EXERCISE MATERIAL:
........

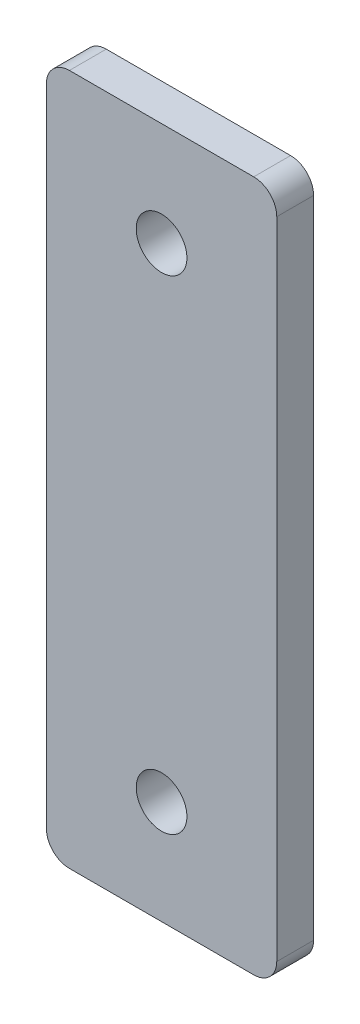
from build123d import *

# Parameters (mm, degrees)
BOSS_EXTRUDE1_DEPTH        = 8
F_11_0_11_DIAMETER_HOLE5_D = 11


with BuildPart() as part:
    # Sketch1 → Boss-Extrude1 (new body)
    with BuildSketch(Plane.XY):
        with BuildLine():
            Line((20, -75), (-20, -75))
            ThreePointArc((-20, -75), (-23.535533906, -73.535533906), (-25, -70))
            Line((-25, -70), (-25, 70))
            ThreePointArc((-25, 70), (-23.535533906, 73.535533906), (-20, 75))
            Line((-20, 75), (20, 75))
            ThreePointArc((20, 75), (23.535533906, 73.535533906), (25, 70))
            Line((25, 70), (25, -70))
            ThreePointArc((25, -70), (23.535533906, -73.535533906), (20, -75))
        make_face()
    extrude(amount=BOSS_EXTRUDE1_DEPTH)

    # Ø11.0 (11) Diameter Hole5 (through all)
    with Locations(Plane.XY.offset(8)):
        with Locations((0, 52.5), (0, -52.5)):
            Hole(F_11_0_11_DIAMETER_HOLE5_D / 2)


solid = part.part

........

INSTRUCTIONS TO FOLLOW:
Please filter the entries above down to the lines holding "with" and copy them.

SOLUTION FOR THIS PROBLEM:
with BuildPart() as part:
    with BuildSketch(Plane.XY):
        with BuildLine():
    with Locations(Plane.XY.offset(8)):
        with Locations((0, 52.5), (0, -52.5)):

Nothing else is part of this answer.